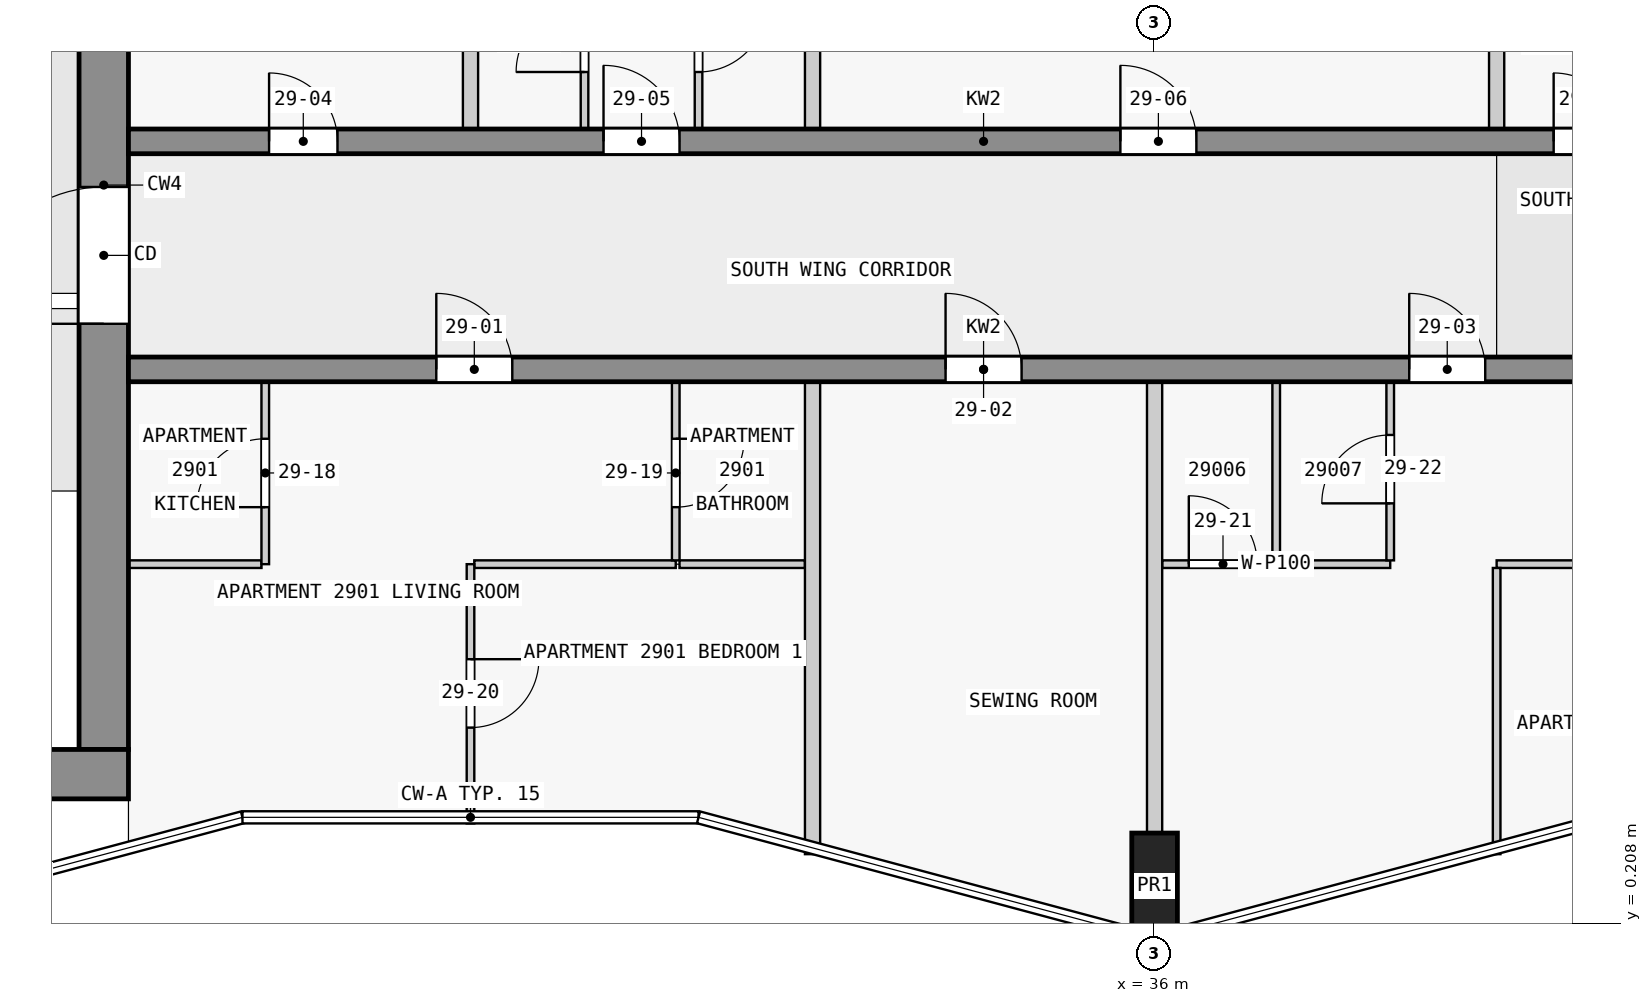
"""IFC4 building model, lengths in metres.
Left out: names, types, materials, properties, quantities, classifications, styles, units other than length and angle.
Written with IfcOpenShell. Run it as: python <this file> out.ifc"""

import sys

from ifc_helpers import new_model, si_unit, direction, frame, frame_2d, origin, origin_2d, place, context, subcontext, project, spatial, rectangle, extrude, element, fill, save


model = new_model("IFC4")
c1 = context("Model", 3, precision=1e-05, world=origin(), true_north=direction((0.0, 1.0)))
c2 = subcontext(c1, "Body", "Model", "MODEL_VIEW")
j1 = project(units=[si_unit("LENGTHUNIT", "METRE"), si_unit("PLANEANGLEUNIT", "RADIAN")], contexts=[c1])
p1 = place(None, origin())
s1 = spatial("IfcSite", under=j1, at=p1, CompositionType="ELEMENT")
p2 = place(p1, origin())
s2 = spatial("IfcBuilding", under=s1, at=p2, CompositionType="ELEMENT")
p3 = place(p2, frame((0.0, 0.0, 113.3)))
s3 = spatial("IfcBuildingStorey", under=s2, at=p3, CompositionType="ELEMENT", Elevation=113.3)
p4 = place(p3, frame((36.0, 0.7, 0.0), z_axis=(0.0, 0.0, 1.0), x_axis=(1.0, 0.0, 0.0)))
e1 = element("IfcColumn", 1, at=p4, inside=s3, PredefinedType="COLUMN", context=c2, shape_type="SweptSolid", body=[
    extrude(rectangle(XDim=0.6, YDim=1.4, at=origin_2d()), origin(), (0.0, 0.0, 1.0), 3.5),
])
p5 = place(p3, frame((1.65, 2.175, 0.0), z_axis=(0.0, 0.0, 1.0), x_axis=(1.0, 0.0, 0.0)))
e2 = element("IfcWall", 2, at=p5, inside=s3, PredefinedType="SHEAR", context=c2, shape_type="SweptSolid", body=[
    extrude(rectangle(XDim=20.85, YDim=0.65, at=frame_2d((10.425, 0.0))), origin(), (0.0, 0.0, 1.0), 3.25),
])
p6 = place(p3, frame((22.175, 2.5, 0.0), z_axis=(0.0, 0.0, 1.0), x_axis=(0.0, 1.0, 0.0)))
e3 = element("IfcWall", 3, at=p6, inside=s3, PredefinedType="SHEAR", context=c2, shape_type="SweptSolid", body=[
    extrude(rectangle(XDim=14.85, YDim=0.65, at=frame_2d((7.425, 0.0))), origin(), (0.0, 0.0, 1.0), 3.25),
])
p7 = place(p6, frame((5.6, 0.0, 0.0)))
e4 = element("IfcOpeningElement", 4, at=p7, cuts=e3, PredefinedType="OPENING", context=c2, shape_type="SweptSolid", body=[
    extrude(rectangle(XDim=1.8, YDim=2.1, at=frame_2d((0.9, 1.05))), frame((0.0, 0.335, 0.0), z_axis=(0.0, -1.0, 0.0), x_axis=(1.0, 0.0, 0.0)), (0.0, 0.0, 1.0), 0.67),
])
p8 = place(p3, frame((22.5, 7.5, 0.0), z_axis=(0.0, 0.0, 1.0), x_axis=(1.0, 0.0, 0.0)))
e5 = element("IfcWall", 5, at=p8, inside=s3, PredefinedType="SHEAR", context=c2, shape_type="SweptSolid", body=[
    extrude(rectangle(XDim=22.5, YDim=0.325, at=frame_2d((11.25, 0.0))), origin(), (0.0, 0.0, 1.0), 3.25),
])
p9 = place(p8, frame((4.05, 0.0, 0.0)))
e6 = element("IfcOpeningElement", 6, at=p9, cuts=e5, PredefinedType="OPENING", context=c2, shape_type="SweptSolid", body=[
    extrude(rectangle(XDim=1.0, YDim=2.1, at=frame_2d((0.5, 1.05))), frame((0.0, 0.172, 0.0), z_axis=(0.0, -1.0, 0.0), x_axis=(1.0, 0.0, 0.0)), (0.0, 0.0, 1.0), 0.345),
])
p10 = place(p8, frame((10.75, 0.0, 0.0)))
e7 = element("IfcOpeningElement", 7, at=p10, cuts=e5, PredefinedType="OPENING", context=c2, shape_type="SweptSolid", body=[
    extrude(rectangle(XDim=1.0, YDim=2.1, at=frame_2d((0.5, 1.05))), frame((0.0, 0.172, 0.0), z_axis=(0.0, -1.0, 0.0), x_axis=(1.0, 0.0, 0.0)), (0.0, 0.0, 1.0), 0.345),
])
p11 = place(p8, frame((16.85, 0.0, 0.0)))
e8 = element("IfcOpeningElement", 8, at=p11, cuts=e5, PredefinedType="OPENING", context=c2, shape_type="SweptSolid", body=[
====
### THE PROBLEM
Will you return exactly the lines above from the one with "p1 = place(None, origin())" down to the one with "p3 = place(p2, frame((0.0, 0.0, 113.3)))", counting both as part of the range?

### REPLY TO THE TASK
p1 = place(None, origin())
s1 = spatial("IfcSite", under=j1, at=p1, CompositionType="ELEMENT")
p2 = place(p1, origin())
s2 = spatial("IfcBuilding", under=s1, at=p2, CompositionType="ELEMENT")
p3 = place(p2, frame((0.0, 0.0, 113.3)))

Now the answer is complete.